**Work item**:
Say how many lines in the records contain the string "polyline". Nothing but the number should be given.

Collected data
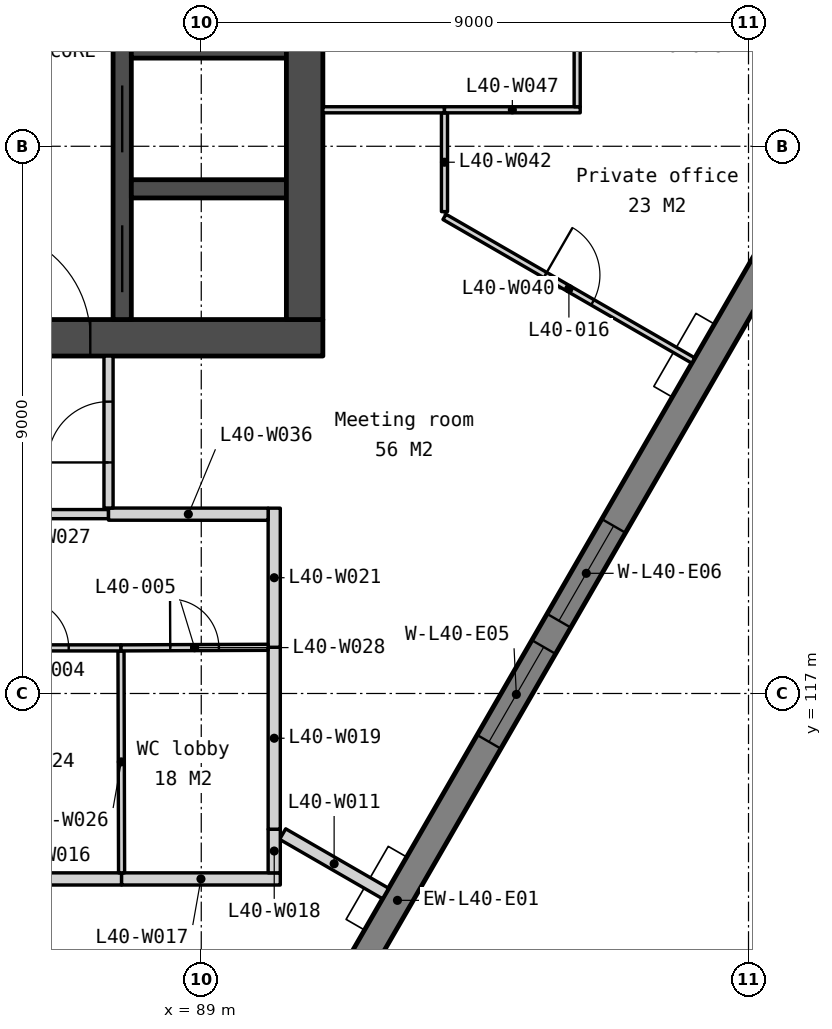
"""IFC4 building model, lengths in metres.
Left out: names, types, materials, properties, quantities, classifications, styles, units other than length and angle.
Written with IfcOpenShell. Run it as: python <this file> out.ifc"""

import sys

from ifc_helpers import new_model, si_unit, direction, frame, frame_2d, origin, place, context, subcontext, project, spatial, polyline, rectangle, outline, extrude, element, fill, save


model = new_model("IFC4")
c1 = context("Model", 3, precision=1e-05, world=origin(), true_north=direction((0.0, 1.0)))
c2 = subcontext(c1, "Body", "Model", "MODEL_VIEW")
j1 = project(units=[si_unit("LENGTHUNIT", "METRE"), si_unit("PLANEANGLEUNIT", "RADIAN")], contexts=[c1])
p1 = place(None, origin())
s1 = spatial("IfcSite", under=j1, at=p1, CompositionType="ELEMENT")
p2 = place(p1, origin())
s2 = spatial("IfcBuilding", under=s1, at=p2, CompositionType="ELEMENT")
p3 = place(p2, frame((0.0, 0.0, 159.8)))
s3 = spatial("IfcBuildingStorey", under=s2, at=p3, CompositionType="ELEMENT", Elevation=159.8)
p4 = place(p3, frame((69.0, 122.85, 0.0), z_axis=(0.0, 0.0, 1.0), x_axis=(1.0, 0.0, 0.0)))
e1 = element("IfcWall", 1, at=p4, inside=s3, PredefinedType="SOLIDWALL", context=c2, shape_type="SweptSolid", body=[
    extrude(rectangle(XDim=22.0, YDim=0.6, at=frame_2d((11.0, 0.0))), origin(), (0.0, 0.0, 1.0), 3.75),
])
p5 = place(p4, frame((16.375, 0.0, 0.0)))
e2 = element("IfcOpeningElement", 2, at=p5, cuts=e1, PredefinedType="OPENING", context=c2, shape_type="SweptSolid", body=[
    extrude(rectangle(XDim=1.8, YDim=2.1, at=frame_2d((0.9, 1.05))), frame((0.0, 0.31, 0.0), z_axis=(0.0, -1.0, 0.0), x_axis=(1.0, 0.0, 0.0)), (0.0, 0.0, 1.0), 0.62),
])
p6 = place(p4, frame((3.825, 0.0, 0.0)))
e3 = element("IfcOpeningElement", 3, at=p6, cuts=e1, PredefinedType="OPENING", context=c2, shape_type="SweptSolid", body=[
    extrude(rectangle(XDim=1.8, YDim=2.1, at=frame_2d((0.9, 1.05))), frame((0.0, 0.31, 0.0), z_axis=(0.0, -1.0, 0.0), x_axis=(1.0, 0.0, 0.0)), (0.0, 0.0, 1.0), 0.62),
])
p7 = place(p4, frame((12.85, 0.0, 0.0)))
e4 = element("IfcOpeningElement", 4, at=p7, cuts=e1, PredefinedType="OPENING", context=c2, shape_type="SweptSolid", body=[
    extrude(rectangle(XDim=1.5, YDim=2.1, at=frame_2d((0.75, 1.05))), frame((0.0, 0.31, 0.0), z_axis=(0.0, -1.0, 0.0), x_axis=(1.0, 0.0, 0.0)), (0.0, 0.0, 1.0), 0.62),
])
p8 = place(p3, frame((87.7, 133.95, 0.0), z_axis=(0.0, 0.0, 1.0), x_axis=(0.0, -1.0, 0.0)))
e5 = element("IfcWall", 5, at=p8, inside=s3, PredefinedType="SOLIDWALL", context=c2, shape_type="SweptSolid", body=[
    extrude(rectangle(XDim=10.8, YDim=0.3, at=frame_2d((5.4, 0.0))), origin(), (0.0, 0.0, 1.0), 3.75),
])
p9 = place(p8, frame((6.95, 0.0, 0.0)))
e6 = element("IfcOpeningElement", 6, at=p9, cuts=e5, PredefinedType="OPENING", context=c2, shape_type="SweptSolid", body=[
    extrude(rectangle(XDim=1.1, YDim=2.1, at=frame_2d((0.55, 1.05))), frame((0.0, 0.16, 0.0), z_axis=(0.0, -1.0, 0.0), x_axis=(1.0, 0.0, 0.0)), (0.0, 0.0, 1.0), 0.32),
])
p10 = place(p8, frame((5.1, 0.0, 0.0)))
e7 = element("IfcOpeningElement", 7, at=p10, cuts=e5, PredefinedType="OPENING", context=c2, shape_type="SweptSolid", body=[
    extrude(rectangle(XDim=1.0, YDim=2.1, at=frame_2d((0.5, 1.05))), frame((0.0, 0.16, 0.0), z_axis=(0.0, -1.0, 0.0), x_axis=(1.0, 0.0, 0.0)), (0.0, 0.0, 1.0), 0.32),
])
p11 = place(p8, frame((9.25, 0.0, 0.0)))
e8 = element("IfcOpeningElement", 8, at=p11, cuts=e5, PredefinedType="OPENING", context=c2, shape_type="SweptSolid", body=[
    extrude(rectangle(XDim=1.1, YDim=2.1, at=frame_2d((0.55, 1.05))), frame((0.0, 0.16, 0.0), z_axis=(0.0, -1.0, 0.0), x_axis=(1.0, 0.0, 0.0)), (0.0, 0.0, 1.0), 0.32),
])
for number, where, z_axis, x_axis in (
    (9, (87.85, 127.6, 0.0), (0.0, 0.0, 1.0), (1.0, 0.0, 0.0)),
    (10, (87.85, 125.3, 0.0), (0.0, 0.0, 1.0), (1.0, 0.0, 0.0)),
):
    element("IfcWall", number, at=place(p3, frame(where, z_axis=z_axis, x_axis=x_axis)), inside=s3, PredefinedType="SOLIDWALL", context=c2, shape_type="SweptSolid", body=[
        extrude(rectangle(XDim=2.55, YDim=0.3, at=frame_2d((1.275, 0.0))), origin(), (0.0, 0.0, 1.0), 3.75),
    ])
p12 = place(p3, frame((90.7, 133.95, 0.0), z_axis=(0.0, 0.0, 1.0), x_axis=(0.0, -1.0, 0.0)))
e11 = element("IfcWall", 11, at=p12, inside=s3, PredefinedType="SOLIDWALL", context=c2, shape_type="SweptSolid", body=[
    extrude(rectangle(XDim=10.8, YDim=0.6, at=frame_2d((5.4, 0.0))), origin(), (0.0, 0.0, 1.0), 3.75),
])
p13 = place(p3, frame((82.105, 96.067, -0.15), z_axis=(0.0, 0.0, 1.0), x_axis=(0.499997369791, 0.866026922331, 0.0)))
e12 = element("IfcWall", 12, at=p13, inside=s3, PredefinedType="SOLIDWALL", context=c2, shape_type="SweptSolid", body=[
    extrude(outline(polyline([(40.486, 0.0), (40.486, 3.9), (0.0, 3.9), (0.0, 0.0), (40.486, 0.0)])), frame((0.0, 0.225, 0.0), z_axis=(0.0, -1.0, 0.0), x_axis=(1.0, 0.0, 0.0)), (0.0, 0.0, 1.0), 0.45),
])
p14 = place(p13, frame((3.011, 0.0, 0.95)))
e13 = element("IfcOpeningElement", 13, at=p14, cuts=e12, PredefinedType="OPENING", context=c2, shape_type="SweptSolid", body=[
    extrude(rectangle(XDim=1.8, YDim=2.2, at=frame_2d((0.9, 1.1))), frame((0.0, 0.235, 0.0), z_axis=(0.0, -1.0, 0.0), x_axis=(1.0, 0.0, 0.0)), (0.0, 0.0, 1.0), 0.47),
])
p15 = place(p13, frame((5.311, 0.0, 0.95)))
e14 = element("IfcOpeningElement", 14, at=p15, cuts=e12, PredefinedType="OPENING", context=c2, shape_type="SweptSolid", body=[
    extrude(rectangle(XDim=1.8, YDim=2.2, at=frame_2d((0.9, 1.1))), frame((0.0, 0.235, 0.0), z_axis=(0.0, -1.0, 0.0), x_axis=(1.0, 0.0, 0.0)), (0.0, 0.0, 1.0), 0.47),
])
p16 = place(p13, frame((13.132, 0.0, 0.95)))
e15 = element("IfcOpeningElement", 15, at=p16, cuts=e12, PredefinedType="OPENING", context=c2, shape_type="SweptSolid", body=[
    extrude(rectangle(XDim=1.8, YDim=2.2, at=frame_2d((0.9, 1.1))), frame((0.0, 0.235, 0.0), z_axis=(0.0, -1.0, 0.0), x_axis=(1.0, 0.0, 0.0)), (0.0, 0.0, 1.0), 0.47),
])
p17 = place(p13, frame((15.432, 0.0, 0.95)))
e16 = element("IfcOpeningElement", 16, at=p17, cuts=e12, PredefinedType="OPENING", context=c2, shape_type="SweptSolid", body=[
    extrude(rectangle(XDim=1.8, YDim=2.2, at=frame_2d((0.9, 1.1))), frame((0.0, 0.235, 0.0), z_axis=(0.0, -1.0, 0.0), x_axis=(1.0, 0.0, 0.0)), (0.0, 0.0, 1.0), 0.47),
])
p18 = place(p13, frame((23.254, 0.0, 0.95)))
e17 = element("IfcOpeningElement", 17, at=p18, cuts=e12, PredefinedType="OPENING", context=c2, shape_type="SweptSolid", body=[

**Answer section**:
2